ASSIGNMENT.
Begin with the first line below and retype each line exactly through the line containing "134.25, 0.0), z_axis=(0.0, 0.0, 1.0), x_axis=(1.0, 0.0, 0.0)))". Any pictures are to be left out.

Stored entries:
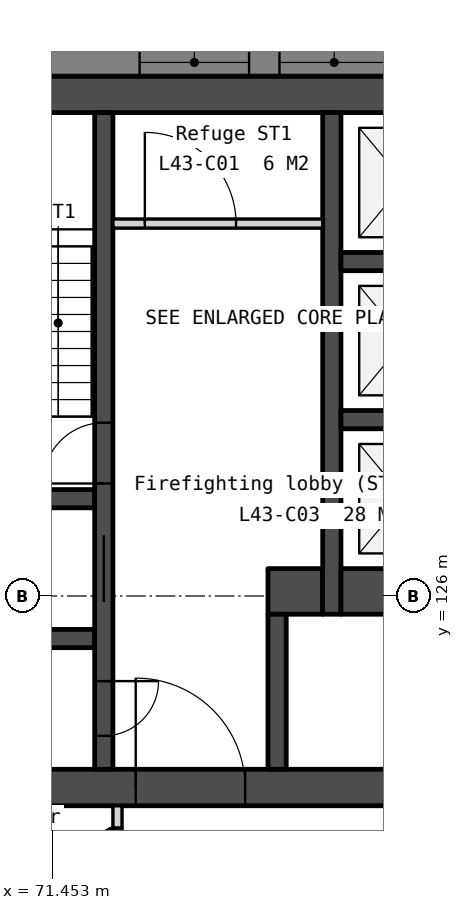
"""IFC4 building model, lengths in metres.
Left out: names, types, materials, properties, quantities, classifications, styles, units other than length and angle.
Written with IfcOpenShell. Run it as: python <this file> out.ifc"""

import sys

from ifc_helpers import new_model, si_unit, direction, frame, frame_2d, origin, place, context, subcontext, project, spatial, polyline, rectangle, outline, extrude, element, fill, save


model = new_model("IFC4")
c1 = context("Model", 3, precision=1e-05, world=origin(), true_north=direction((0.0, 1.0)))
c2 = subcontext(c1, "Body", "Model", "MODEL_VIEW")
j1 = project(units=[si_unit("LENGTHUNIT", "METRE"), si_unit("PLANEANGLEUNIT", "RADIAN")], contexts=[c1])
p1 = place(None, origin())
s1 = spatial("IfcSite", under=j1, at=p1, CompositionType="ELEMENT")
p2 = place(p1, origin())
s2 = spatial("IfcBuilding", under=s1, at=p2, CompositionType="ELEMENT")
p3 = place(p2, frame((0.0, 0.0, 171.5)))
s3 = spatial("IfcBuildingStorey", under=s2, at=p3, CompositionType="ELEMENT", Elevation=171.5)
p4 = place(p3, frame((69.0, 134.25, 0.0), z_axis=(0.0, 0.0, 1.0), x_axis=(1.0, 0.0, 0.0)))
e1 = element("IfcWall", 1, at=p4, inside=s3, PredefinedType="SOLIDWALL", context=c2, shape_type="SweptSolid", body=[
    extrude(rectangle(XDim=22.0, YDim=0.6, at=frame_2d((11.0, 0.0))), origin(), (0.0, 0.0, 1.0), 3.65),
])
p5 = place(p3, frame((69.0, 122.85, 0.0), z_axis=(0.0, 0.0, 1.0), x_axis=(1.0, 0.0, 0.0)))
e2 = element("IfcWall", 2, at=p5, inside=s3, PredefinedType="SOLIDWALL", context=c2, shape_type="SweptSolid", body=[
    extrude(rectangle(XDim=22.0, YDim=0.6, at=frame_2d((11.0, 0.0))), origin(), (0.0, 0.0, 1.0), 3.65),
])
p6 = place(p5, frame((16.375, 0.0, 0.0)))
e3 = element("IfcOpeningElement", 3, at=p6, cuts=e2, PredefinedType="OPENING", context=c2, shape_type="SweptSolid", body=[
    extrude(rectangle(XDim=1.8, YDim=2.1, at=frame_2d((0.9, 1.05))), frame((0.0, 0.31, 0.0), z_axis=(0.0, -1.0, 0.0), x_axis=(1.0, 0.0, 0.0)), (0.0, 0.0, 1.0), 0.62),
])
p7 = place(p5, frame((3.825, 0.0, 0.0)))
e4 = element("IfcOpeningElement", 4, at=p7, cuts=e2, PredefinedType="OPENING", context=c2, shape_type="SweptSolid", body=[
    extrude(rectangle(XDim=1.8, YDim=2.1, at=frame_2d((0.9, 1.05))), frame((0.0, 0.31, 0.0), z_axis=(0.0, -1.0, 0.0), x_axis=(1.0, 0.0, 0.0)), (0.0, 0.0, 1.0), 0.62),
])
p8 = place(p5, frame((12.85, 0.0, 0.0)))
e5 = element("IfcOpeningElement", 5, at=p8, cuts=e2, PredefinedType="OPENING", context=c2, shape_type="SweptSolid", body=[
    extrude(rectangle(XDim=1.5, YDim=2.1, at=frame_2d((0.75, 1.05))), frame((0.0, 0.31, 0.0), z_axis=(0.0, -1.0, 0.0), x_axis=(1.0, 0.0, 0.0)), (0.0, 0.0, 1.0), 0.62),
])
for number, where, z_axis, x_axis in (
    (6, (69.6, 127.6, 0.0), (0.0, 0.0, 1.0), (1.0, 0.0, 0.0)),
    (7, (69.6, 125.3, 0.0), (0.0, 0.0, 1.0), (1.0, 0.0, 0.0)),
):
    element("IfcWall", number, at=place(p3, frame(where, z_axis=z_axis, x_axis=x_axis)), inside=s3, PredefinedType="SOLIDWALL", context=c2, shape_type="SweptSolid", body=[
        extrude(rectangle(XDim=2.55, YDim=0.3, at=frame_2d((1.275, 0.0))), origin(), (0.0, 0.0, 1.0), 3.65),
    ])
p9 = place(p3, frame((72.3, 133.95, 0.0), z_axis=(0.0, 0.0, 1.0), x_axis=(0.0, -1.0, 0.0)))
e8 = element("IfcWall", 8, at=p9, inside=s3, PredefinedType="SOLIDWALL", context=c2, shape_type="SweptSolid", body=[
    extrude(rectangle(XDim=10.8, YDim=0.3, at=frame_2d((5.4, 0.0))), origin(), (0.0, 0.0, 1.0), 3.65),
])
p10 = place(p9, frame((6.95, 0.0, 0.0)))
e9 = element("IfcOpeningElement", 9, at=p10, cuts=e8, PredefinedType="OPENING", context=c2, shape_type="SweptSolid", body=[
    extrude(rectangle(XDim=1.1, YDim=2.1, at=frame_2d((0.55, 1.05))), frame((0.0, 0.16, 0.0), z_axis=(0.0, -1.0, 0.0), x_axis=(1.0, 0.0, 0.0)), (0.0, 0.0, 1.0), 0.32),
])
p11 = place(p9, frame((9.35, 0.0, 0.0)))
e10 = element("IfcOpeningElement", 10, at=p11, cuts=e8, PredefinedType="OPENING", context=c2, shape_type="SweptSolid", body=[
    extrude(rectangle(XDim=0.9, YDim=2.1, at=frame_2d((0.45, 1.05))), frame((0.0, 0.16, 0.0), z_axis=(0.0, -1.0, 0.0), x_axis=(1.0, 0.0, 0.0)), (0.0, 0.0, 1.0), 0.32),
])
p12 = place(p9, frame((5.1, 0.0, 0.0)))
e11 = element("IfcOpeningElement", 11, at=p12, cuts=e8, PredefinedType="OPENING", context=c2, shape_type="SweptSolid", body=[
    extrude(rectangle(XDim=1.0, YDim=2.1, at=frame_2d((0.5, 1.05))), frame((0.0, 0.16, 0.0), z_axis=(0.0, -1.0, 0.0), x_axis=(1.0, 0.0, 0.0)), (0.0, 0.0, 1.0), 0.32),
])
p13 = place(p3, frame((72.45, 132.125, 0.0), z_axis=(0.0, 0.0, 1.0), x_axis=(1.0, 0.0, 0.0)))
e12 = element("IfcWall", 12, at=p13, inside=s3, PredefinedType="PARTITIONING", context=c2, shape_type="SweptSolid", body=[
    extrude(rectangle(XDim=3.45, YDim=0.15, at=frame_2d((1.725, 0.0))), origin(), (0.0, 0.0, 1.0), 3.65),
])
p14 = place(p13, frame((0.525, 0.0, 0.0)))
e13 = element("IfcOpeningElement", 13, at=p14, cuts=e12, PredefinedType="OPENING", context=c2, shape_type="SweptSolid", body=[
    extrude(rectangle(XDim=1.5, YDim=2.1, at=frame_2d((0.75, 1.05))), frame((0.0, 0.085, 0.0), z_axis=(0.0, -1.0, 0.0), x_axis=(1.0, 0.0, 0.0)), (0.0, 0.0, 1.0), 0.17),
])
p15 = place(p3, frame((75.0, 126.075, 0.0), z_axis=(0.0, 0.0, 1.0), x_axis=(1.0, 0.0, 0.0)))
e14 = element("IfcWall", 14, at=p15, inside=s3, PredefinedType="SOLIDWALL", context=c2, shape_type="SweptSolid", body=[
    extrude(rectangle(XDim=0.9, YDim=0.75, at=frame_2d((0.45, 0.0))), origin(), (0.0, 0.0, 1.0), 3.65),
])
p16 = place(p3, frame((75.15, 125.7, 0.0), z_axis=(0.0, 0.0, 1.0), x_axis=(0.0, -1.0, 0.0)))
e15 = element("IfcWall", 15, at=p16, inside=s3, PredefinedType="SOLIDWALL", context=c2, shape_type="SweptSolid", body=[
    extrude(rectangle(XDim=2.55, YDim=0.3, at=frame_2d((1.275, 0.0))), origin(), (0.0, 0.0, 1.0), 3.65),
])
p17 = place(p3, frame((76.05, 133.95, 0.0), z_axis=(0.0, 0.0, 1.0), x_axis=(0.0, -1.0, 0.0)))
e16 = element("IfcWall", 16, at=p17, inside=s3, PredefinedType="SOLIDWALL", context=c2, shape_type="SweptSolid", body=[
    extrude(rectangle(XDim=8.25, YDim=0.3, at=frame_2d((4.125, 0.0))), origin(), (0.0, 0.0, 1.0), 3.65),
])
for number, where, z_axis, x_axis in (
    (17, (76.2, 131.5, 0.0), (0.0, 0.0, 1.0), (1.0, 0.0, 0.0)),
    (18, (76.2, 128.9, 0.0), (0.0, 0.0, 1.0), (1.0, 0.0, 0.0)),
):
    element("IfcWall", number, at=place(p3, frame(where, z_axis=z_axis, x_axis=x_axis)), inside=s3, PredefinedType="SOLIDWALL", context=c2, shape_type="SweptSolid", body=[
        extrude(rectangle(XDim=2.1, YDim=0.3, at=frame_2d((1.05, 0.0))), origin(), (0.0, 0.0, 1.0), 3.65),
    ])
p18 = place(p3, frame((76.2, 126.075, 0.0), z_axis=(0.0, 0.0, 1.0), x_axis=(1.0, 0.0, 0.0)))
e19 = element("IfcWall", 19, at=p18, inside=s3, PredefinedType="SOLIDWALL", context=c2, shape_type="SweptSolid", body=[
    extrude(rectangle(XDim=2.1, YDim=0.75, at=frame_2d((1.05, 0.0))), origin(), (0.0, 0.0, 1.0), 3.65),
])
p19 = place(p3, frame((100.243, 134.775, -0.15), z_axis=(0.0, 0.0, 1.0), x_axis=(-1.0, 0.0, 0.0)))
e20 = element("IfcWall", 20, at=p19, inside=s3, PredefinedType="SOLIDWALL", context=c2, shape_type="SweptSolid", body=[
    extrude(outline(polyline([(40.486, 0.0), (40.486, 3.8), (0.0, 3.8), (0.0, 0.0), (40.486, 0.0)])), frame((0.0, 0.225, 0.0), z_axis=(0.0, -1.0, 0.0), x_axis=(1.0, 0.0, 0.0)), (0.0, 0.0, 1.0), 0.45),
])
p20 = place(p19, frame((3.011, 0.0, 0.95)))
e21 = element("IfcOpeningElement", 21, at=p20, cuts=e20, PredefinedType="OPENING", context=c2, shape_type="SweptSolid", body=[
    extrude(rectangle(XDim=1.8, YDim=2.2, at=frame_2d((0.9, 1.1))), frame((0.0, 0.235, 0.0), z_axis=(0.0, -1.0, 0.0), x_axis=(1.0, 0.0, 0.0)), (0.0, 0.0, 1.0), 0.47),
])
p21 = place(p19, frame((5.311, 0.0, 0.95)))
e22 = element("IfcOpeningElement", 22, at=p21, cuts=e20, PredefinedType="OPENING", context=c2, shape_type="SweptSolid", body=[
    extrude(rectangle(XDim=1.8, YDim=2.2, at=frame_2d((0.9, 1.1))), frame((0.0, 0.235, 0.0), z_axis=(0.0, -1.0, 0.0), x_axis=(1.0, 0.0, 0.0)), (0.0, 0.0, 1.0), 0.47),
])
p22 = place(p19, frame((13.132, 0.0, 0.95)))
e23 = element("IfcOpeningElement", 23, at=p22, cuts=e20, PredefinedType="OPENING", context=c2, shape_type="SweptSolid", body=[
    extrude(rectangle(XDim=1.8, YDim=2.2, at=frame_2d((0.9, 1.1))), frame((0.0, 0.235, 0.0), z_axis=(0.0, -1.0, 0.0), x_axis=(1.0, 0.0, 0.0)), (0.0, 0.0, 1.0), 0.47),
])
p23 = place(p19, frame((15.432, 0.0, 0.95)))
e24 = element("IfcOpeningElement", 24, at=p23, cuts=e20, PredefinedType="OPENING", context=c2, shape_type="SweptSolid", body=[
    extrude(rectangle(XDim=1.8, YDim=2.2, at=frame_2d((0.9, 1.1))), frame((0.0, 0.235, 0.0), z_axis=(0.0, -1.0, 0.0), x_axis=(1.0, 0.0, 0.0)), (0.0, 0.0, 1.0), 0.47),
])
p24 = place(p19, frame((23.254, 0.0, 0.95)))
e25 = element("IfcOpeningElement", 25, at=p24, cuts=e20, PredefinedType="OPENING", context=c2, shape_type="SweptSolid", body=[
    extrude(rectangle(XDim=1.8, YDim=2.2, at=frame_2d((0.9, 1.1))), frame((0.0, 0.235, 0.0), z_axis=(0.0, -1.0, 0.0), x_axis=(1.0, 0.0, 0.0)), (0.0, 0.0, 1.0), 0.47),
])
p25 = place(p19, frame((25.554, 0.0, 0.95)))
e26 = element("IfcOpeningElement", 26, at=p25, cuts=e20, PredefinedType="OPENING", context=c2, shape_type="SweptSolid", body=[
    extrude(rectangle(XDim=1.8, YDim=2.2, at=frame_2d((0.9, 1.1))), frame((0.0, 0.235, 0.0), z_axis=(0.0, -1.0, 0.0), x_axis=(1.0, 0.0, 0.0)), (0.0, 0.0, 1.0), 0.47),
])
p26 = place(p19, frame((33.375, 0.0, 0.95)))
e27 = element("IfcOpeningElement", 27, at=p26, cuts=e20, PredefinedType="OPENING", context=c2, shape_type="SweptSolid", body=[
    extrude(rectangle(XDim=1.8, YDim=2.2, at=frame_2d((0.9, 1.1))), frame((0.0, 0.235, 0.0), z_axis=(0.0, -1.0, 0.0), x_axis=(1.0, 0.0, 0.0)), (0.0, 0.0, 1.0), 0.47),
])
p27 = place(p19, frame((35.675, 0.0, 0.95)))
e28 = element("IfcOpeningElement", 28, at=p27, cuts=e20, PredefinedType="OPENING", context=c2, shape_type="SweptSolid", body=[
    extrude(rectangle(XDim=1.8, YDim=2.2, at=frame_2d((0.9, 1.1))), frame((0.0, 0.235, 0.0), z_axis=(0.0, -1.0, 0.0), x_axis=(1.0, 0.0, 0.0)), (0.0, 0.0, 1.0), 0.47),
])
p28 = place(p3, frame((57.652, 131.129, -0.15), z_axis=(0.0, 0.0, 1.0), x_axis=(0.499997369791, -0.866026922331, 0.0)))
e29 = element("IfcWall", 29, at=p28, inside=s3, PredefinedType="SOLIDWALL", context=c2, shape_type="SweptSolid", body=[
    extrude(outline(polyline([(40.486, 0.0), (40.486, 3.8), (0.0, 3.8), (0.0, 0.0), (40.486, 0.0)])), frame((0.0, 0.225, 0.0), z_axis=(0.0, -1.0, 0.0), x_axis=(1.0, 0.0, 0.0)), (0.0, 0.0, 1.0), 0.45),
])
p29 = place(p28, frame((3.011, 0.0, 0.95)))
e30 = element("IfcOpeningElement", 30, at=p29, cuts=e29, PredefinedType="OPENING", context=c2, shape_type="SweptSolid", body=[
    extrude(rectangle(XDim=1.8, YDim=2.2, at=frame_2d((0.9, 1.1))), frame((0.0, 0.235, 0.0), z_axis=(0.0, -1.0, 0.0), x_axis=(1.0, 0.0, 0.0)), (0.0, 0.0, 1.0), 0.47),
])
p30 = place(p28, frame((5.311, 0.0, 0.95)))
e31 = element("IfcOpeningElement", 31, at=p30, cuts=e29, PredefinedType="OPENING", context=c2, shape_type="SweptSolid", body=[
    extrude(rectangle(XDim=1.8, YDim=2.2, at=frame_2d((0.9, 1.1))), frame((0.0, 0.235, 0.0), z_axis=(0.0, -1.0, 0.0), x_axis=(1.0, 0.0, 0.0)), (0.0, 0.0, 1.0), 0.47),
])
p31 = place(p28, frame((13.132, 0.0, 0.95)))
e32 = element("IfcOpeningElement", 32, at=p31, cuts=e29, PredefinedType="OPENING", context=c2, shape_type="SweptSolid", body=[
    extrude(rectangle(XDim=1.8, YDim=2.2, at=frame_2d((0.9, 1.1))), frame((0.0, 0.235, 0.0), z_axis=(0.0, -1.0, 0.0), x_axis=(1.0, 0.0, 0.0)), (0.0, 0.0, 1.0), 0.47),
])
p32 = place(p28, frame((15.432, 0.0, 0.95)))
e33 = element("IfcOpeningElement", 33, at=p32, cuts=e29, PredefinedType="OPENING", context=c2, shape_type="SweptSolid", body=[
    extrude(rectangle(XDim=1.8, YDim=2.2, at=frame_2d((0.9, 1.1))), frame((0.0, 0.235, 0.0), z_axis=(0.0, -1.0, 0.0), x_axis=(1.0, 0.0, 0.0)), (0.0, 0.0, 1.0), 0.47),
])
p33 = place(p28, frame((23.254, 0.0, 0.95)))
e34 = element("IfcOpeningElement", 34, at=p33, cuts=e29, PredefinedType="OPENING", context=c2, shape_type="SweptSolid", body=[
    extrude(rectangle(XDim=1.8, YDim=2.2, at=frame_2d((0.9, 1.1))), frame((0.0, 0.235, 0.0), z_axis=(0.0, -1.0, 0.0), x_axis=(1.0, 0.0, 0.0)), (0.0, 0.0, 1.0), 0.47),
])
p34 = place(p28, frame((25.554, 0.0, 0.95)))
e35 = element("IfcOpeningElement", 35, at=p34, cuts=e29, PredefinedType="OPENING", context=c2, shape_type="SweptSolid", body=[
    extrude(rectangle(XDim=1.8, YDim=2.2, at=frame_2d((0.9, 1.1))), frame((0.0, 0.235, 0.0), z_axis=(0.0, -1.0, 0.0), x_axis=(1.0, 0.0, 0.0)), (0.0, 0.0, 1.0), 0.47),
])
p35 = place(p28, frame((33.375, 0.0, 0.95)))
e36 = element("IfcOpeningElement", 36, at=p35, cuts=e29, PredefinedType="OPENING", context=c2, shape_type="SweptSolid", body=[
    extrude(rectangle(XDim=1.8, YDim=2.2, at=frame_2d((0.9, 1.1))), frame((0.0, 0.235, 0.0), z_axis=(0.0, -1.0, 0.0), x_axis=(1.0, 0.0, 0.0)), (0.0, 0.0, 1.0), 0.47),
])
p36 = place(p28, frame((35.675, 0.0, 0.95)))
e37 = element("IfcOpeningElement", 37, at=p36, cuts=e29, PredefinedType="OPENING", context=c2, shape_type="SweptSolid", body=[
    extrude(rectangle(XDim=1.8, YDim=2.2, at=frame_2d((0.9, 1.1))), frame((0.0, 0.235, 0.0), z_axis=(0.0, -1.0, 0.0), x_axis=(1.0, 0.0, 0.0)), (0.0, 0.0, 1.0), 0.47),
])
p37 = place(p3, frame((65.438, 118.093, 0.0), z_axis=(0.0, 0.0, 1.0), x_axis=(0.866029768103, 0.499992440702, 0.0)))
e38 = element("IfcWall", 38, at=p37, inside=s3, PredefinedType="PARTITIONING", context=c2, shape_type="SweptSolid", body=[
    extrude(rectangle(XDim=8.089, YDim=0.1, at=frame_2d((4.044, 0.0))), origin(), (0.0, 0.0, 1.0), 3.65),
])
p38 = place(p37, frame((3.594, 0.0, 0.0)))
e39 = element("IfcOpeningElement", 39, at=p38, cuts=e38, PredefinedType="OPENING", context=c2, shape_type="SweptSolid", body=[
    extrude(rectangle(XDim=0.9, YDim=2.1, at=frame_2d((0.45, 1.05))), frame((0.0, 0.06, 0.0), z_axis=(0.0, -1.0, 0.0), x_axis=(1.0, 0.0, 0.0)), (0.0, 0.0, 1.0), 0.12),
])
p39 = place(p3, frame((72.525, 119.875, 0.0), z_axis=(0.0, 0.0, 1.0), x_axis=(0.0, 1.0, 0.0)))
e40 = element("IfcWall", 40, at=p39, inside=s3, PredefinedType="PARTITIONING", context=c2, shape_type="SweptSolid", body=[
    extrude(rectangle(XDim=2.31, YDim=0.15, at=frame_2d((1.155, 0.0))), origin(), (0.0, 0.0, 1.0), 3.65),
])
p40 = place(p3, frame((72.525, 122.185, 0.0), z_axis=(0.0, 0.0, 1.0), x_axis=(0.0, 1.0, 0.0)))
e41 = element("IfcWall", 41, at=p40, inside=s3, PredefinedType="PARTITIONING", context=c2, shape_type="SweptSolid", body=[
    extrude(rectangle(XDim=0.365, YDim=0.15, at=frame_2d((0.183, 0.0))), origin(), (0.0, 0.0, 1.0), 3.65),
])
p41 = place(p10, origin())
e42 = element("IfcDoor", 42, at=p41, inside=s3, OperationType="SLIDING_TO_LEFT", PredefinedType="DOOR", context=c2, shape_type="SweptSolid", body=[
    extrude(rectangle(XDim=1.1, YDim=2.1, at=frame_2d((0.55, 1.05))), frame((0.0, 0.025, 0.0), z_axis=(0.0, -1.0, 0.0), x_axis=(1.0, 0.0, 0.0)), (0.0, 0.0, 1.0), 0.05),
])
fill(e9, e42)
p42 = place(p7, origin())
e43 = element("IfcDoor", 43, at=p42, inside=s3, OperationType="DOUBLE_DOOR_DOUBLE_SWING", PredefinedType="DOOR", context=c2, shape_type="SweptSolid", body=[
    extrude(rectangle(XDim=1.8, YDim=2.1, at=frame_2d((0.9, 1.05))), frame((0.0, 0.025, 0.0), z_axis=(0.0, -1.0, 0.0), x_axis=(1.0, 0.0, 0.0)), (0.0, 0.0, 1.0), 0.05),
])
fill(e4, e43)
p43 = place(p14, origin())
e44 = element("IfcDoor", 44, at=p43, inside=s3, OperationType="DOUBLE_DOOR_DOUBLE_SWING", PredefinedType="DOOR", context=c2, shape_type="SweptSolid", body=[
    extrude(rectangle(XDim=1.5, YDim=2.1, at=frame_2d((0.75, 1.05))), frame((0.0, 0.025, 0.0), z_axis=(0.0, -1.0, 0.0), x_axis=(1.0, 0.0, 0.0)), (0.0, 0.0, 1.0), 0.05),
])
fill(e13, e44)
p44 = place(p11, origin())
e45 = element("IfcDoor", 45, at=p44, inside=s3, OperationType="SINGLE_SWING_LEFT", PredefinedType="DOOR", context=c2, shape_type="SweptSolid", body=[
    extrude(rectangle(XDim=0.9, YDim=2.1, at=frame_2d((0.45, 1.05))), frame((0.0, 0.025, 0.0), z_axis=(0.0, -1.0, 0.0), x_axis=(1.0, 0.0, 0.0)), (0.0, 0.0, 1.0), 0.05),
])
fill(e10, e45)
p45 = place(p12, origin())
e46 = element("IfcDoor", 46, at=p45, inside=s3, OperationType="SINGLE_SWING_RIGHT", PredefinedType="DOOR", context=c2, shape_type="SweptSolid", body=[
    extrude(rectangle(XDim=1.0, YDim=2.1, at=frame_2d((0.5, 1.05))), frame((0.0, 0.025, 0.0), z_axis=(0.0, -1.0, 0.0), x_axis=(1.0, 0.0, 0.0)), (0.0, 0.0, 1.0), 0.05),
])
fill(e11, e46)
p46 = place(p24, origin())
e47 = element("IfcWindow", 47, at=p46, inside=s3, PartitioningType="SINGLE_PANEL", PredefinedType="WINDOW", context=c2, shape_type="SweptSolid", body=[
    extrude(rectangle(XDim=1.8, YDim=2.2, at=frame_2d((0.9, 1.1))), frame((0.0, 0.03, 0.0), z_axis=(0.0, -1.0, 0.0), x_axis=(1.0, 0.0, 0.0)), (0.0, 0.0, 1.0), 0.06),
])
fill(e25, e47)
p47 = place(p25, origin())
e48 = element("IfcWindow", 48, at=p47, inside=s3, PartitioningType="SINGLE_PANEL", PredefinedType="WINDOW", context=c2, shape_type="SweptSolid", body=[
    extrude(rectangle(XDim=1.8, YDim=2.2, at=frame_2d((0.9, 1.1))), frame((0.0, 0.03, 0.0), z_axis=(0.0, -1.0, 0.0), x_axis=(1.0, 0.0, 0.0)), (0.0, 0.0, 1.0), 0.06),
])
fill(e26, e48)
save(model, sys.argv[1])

EXERCISE OUTPUT.
"""IFC4 building model, lengths in metres.
Left out: names, types, materials, properties, quantities, classifications, styles, units other than length and angle.
Written with IfcOpenShell. Run it as: python <this file> out.ifc"""

import sys

from ifc_helpers import new_model, si_unit, direction, frame, frame_2d, origin, place, context, subcontext, project, spatial, polyline, rectangle, outline, extrude, element, fill, save


model = new_model("IFC4")
c1 = context("Model", 3, precision=1e-05, world=origin(), true_north=direction((0.0, 1.0)))
c2 = subcontext(c1, "Body", "Model", "MODEL_VIEW")
j1 = project(units=[si_unit("LENGTHUNIT", "METRE"), si_unit("PLANEANGLEUNIT", "RADIAN")], contexts=[c1])
p1 = place(None, origin())
s1 = spatial("IfcSite", under=j1, at=p1, CompositionType="ELEMENT")
p2 = place(p1, origin())
s2 = spatial("IfcBuilding", under=s1, at=p2, CompositionType="ELEMENT")
p3 = place(p2, frame((0.0, 0.0, 171.5)))
s3 = spatial("IfcBuildingStorey", under=s2, at=p3, CompositionType="ELEMENT", Elevation=171.5)
p4 = place(p3, frame((69.0, 134.25, 0.0), z_axis=(0.0, 0.0, 1.0), x_axis=(1.0, 0.0, 0.0)))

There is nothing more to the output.